**WHAT THE TASK REQUIRES**
Pick each line that has "SHEAR" out of the records.

**DATA RECORDS**
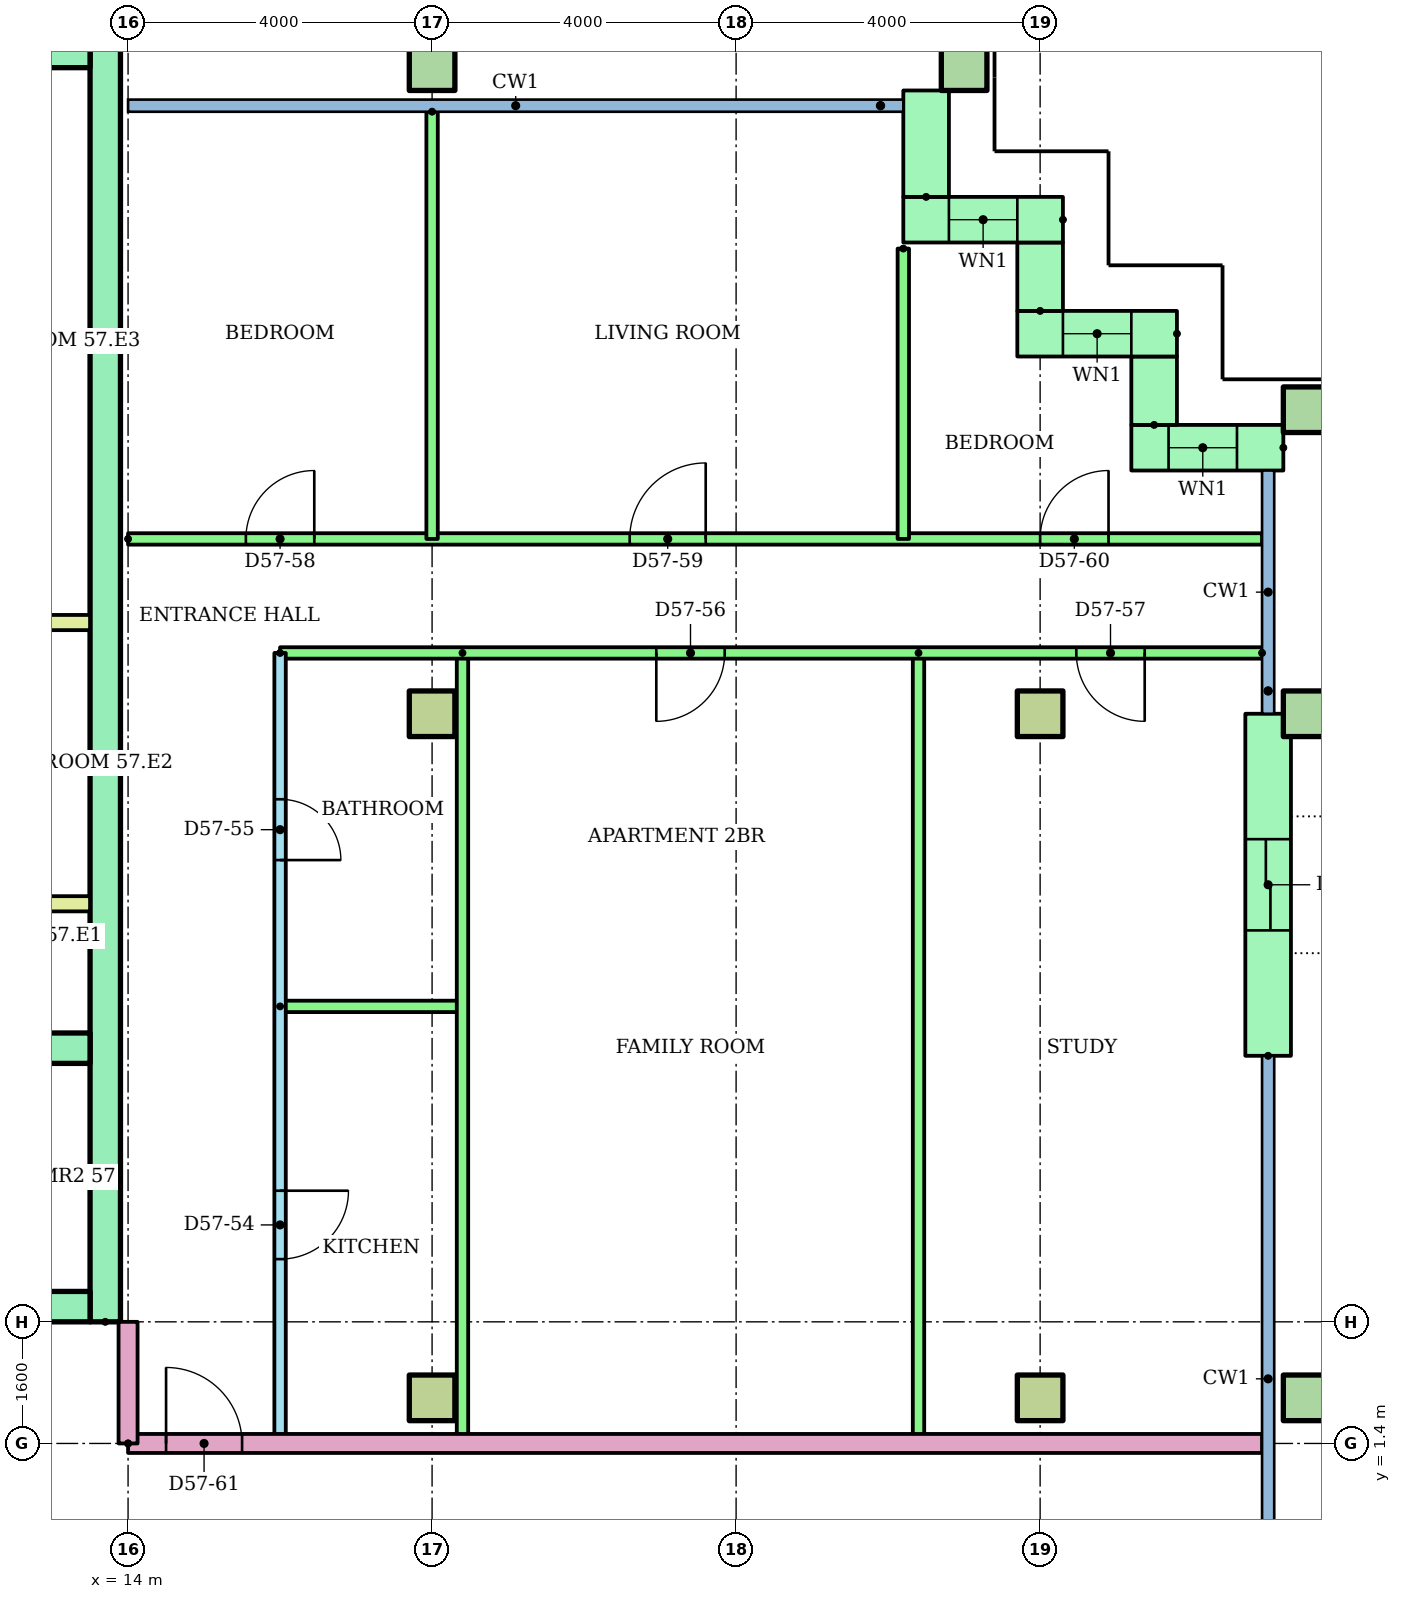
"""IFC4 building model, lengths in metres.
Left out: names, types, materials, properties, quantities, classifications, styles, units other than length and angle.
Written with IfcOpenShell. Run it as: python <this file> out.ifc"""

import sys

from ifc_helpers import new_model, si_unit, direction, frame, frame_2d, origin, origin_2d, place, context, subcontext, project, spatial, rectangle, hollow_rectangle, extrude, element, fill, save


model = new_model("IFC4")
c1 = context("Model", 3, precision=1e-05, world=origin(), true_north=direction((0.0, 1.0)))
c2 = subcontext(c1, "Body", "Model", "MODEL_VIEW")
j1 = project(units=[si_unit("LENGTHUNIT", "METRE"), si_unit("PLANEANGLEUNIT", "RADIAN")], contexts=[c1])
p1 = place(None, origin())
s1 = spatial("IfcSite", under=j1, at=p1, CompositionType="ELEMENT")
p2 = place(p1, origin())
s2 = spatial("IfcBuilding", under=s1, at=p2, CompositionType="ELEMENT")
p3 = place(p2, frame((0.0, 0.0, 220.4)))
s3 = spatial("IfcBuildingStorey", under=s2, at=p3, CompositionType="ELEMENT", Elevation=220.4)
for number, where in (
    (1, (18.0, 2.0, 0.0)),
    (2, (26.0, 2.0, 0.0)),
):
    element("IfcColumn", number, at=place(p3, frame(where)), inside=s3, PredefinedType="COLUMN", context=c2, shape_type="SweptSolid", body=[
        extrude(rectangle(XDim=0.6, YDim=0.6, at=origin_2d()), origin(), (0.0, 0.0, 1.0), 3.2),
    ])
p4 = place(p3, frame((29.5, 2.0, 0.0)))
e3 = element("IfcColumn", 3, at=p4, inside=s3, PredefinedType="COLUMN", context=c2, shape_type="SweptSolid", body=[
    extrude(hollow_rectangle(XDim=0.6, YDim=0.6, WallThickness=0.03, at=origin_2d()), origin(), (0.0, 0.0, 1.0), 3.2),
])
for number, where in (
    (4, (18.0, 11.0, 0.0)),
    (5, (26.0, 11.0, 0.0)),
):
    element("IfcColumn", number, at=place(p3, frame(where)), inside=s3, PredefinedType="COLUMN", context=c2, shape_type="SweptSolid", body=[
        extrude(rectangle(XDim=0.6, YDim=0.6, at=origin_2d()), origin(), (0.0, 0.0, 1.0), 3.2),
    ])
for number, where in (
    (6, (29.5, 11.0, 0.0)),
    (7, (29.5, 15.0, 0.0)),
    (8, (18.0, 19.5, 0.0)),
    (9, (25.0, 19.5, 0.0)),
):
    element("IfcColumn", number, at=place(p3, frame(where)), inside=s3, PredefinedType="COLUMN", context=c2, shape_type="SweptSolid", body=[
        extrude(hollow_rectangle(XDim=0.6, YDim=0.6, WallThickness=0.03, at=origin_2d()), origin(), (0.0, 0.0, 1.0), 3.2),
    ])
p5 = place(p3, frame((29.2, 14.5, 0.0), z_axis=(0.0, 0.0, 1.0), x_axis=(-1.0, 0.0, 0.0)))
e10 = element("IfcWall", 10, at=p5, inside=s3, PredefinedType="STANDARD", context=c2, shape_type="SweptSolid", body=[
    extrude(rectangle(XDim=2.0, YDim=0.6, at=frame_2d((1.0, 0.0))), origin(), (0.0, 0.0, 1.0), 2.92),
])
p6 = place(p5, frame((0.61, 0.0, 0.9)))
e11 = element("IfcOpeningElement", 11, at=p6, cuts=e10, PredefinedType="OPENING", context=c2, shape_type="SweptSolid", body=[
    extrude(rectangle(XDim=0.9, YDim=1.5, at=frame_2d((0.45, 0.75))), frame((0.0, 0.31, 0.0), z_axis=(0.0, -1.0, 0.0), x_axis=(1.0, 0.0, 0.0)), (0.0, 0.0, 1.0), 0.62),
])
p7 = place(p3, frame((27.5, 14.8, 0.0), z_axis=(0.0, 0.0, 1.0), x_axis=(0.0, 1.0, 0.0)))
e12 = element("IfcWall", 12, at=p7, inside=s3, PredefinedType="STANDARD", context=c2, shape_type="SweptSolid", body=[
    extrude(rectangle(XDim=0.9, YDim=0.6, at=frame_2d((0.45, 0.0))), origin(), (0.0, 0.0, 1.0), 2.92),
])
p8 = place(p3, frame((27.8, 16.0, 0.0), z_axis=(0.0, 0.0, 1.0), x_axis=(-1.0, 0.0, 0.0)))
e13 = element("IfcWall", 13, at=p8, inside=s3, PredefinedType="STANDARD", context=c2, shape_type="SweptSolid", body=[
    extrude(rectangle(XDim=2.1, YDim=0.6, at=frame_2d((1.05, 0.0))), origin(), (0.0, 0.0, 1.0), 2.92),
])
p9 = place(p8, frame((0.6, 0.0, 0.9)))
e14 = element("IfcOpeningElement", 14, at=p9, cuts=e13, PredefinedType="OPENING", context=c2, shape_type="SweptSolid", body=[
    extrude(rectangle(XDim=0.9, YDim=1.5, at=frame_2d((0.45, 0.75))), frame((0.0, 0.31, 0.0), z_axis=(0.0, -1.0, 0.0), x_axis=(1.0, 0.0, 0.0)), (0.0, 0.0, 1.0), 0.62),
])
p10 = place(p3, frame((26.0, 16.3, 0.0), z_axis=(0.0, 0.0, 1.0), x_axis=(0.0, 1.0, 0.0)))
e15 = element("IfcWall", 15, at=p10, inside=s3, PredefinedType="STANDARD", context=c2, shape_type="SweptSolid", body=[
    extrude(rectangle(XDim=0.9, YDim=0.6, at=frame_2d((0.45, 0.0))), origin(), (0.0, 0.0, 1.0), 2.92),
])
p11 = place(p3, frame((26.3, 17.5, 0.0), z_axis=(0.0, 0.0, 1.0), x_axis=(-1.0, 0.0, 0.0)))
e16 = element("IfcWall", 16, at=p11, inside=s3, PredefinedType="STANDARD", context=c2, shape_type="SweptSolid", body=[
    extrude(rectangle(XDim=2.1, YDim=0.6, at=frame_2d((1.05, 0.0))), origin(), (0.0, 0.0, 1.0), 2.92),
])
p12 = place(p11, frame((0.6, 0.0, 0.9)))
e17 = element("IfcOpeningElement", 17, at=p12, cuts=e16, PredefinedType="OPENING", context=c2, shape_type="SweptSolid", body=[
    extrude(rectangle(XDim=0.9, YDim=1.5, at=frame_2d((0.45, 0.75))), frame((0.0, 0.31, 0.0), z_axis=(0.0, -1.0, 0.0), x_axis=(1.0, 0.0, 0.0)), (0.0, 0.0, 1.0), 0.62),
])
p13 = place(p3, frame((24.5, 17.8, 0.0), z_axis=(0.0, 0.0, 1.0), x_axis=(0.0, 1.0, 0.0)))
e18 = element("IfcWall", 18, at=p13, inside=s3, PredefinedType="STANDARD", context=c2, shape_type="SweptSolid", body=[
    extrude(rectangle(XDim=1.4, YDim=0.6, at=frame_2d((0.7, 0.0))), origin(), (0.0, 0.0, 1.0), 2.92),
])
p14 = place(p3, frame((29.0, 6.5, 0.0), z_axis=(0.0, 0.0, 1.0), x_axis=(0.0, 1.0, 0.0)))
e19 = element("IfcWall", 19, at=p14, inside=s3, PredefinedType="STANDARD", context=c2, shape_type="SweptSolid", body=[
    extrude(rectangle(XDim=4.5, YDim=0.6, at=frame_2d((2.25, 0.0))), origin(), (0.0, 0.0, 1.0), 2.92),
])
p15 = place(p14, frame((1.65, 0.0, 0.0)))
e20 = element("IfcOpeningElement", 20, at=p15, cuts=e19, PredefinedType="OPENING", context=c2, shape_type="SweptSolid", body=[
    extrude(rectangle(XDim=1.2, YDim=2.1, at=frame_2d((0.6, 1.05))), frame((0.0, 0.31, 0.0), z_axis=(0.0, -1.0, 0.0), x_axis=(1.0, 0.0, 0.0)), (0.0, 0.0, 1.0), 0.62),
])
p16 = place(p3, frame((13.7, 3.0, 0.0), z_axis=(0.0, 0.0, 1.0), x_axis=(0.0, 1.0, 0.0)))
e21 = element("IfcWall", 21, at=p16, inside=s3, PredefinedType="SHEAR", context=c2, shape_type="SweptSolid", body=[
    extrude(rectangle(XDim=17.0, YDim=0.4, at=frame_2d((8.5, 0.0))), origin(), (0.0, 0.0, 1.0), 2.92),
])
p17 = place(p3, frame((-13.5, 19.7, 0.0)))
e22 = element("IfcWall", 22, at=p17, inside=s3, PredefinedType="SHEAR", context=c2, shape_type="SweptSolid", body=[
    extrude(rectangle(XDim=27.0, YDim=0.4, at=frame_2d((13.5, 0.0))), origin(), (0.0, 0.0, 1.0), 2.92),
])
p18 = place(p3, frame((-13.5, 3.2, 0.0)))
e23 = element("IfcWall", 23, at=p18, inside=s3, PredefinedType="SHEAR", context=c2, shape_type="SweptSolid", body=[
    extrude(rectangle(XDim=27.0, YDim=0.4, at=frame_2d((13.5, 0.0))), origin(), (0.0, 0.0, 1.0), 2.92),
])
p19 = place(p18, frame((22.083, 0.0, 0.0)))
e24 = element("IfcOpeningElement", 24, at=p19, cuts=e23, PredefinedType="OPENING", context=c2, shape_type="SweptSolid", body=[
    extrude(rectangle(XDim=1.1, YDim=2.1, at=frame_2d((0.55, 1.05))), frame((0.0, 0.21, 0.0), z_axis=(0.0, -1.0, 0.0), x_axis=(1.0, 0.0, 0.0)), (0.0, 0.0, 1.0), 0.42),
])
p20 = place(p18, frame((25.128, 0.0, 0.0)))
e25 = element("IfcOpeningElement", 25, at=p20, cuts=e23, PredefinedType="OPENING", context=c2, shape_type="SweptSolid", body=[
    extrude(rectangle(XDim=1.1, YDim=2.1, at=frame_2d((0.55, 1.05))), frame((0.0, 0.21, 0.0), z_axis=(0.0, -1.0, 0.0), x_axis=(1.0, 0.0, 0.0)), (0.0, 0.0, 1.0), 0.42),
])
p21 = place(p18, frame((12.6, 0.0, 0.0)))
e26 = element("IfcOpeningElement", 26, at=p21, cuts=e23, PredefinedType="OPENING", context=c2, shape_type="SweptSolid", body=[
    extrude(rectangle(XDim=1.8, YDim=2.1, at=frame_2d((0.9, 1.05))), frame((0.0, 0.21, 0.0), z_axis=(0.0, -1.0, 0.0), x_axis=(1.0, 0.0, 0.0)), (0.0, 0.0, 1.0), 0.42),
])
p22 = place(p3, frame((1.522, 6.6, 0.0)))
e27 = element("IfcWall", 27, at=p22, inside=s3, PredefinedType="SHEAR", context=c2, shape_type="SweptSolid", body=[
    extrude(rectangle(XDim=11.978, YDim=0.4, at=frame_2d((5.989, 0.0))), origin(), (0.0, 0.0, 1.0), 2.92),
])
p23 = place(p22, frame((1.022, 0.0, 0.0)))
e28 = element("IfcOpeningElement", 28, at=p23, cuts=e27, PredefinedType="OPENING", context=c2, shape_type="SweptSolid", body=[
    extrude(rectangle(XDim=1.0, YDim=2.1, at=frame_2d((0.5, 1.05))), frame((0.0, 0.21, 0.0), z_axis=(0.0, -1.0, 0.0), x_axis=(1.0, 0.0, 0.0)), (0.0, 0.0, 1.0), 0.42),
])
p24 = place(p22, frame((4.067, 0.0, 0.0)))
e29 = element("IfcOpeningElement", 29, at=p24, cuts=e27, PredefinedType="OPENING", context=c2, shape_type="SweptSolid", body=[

**TASK RESULT**
e21 = element("IfcWall", 21, at=p16, inside=s3, PredefinedType="SHEAR", context=c2, shape_type="SweptSolid", body=[
e22 = element("IfcWall", 22, at=p17, inside=s3, PredefinedType="SHEAR", context=c2, shape_type="SweptSolid", body=[
e23 = element("IfcWall", 23, at=p18, inside=s3, PredefinedType="SHEAR", context=c2, shape_type="SweptSolid", body=[
e27 = element("IfcWall", 27, at=p22, inside=s3, PredefinedType="SHEAR", context=c2, shape_type="SweptSolid", body=[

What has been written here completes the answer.